WHAT THE TASK ASKS:
"COLUMN" appears in how many lines of the entries? State only the number.

Collected data:
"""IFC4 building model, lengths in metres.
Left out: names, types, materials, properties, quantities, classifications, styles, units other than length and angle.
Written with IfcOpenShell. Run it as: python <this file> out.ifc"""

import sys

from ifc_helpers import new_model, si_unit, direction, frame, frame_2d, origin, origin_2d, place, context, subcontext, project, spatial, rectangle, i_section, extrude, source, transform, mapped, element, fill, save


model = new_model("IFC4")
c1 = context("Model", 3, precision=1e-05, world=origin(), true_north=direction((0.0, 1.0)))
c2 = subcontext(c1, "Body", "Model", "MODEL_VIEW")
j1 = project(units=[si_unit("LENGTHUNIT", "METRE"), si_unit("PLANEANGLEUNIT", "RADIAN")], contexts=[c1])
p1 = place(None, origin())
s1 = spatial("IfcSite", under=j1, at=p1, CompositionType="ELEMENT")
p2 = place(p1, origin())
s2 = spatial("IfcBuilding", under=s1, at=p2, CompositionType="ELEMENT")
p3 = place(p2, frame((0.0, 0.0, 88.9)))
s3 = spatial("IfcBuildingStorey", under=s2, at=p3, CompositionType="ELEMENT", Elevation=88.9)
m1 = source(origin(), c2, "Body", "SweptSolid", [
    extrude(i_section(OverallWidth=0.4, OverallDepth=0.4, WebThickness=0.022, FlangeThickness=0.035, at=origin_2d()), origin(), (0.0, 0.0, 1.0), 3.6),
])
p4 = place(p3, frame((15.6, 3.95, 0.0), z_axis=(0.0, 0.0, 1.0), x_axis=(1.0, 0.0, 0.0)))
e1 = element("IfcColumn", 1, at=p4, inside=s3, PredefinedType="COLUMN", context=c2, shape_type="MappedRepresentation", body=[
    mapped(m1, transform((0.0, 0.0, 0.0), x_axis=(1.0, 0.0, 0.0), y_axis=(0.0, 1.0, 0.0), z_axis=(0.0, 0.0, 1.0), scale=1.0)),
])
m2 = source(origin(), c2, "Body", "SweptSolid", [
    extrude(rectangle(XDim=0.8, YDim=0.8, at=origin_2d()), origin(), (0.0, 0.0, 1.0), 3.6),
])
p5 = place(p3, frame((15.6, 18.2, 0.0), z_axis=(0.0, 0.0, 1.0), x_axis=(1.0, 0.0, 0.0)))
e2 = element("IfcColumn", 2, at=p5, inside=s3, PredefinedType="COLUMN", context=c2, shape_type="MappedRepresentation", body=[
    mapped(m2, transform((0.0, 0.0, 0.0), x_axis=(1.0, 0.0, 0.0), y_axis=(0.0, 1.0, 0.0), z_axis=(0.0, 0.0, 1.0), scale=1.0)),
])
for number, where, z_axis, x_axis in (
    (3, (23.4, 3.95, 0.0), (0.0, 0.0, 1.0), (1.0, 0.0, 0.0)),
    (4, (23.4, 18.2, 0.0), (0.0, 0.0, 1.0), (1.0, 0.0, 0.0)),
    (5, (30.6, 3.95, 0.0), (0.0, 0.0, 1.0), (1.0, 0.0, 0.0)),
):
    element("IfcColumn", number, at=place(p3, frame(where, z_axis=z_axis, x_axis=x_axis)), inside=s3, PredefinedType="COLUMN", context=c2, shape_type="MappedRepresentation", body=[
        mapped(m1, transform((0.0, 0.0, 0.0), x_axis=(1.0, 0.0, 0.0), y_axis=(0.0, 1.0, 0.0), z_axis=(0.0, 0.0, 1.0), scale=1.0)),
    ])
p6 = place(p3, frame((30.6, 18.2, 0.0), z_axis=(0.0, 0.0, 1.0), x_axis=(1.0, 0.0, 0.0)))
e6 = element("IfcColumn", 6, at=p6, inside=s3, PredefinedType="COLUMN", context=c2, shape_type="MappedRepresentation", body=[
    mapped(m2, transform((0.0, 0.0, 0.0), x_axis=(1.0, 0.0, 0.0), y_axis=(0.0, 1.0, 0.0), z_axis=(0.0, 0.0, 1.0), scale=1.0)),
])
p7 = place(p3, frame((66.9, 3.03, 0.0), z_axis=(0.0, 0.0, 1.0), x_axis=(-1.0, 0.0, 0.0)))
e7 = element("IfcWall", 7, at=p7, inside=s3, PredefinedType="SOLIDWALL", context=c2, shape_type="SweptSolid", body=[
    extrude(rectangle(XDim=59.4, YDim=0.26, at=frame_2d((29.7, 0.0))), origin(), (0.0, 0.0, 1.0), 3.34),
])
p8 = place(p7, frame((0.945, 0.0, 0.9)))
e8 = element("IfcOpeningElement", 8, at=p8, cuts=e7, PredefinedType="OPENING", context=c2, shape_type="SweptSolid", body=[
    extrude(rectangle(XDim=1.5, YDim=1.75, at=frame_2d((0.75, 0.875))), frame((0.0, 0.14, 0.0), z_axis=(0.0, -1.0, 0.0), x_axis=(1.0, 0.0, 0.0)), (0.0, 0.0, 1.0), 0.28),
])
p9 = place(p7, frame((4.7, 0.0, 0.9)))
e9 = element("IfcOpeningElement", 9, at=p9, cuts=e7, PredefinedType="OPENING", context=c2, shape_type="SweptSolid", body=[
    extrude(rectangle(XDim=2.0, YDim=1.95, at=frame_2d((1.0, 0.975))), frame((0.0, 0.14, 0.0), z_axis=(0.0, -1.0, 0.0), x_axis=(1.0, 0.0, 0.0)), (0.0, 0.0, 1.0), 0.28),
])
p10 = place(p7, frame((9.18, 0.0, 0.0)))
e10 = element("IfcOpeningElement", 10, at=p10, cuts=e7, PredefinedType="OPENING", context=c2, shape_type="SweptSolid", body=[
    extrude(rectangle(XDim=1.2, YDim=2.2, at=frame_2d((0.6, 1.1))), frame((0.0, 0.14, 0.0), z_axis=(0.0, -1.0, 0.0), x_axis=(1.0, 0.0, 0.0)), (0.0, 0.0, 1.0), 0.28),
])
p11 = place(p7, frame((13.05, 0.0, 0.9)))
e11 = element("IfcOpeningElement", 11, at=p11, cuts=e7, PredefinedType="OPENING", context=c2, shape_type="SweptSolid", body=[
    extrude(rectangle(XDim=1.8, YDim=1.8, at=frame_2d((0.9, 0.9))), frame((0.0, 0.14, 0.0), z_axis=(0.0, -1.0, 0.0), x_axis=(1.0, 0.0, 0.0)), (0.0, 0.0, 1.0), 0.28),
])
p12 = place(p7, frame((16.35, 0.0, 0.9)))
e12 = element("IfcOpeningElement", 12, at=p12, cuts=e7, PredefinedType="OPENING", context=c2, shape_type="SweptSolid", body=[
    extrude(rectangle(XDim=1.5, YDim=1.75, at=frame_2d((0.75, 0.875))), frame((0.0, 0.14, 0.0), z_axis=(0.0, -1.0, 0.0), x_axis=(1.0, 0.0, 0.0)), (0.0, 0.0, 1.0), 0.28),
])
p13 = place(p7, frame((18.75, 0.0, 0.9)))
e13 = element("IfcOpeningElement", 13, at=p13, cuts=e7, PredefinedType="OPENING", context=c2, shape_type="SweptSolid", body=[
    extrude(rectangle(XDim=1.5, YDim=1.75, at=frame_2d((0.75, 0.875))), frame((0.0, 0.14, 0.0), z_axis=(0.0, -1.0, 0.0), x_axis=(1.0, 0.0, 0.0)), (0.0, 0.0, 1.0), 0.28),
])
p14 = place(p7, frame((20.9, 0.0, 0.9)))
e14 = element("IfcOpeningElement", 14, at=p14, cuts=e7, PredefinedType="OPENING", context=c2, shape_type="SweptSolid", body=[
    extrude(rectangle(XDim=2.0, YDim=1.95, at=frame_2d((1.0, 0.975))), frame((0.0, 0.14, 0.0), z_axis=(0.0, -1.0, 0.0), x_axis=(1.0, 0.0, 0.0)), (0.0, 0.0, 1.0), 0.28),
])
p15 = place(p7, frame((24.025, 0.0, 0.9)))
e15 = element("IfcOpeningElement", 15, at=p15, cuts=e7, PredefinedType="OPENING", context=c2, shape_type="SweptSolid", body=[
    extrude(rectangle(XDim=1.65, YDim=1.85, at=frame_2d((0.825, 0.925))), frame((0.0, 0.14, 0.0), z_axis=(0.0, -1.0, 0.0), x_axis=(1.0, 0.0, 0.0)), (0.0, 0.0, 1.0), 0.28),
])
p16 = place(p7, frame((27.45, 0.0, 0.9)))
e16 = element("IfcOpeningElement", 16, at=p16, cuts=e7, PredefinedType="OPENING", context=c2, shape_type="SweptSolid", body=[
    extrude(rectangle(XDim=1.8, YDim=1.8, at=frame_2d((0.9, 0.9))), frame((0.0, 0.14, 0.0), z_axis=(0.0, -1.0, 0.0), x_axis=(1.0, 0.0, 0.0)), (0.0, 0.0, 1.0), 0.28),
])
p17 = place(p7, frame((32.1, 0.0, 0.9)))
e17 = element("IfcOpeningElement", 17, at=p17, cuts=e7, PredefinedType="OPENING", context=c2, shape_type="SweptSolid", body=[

ANSWER SECTION:
4